Stored entries:
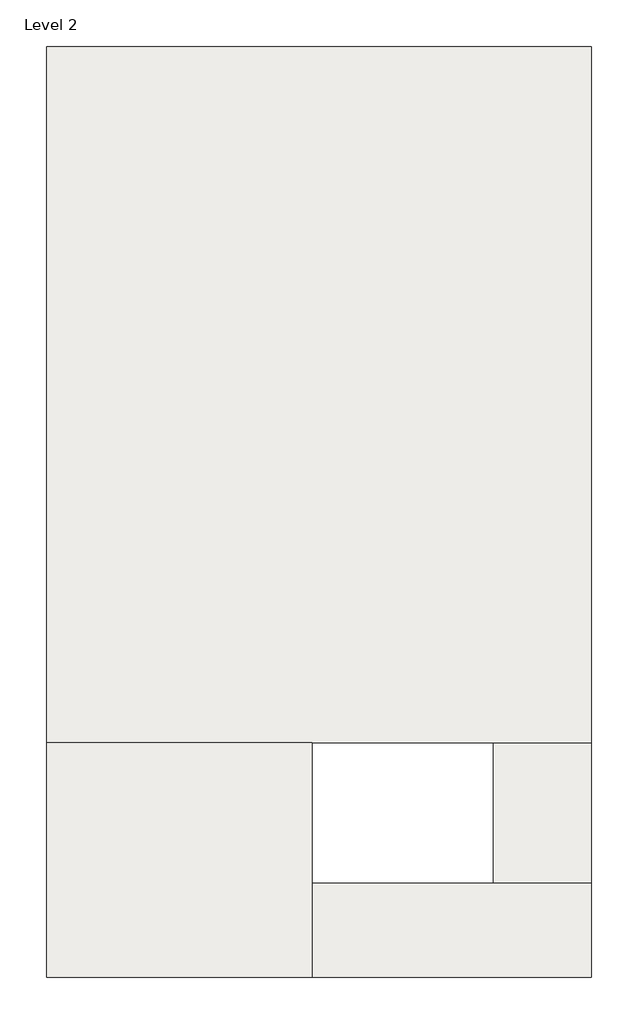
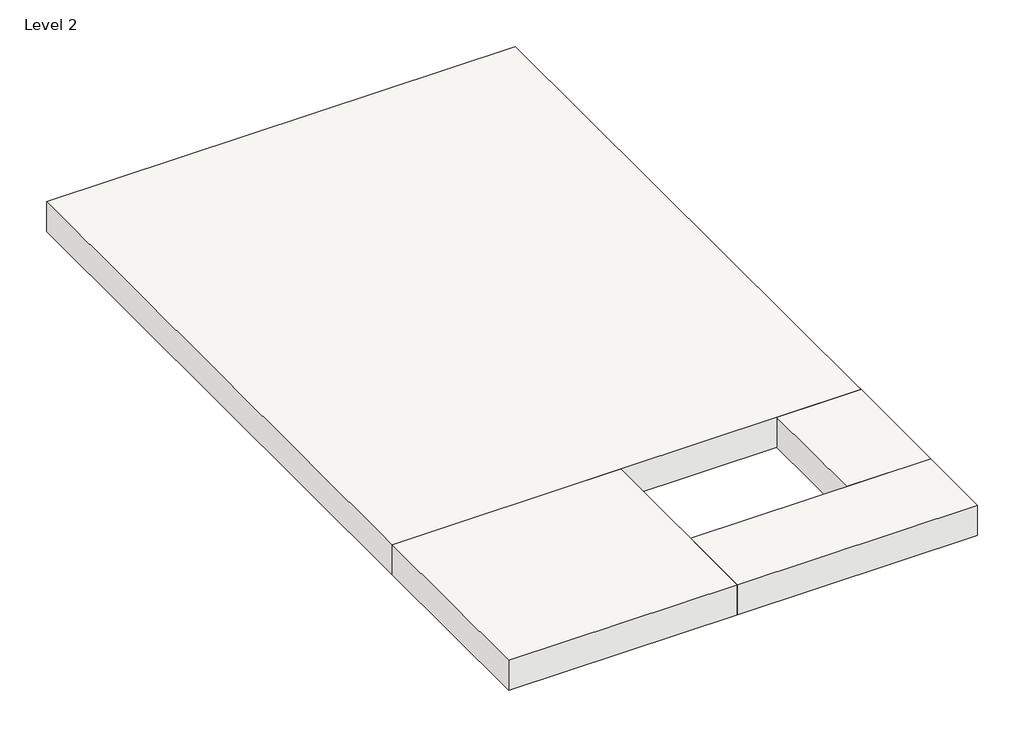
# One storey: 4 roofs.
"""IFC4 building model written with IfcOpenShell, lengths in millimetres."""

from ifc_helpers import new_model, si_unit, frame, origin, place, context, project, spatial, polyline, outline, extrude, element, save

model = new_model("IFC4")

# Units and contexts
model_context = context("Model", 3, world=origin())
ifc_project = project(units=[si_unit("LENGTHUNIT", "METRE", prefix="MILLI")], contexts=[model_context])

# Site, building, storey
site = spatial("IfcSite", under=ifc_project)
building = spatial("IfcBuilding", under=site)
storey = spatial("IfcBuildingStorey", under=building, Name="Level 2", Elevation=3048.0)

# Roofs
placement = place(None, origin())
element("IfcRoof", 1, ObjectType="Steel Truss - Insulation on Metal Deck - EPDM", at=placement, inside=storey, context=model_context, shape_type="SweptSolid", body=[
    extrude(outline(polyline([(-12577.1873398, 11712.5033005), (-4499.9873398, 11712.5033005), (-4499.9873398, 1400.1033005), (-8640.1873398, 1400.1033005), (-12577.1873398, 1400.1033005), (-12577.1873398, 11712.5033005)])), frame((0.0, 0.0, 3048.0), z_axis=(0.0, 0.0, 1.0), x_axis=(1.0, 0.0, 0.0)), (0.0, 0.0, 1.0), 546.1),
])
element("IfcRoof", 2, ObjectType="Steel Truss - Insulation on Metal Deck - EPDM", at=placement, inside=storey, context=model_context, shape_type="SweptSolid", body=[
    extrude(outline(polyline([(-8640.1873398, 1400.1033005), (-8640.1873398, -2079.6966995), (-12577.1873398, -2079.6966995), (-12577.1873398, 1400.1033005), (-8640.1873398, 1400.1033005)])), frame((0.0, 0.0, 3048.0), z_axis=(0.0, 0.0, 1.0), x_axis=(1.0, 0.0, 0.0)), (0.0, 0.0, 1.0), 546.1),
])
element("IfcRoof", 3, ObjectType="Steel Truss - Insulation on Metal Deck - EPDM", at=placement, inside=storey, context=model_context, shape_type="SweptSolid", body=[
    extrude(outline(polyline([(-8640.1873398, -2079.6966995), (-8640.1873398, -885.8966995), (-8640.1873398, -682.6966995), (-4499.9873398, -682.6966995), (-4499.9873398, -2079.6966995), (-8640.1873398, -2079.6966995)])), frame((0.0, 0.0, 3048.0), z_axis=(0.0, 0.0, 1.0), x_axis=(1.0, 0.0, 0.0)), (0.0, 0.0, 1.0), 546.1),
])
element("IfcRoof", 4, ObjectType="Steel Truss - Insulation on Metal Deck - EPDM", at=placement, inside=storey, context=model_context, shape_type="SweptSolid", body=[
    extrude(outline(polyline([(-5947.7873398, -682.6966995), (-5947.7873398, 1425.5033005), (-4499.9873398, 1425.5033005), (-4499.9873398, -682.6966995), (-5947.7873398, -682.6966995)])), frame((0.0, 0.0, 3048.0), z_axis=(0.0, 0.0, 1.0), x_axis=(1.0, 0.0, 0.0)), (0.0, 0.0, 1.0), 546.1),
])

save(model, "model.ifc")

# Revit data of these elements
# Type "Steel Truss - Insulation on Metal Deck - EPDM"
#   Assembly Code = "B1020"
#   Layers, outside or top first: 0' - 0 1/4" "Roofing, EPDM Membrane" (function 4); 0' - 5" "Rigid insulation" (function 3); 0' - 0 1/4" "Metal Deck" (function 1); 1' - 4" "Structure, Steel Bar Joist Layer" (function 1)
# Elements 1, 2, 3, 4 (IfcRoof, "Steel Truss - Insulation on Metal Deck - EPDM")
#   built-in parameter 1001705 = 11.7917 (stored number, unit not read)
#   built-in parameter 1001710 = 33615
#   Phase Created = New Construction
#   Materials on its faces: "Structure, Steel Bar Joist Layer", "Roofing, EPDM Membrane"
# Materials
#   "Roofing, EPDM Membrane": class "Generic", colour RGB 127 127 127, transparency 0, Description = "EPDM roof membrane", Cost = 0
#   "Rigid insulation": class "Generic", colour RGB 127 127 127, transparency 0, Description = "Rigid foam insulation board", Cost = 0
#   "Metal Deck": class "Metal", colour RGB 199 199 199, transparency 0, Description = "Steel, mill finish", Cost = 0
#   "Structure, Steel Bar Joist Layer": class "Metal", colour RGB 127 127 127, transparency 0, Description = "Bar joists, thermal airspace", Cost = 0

__WHAT IS NEEDED__.
Put down exactly the lines of the data above that run from its first line through the line bearing "# Units and contexts", and no pictures.

__TASK OUTPUT__.
# One storey: 4 roofs.
"""IFC4 building model written with IfcOpenShell, lengths in millimetres."""

from ifc_helpers import new_model, si_unit, frame, origin, place, context, project, spatial, polyline, outline, extrude, element, save

model = new_model("IFC4")

# Units and contexts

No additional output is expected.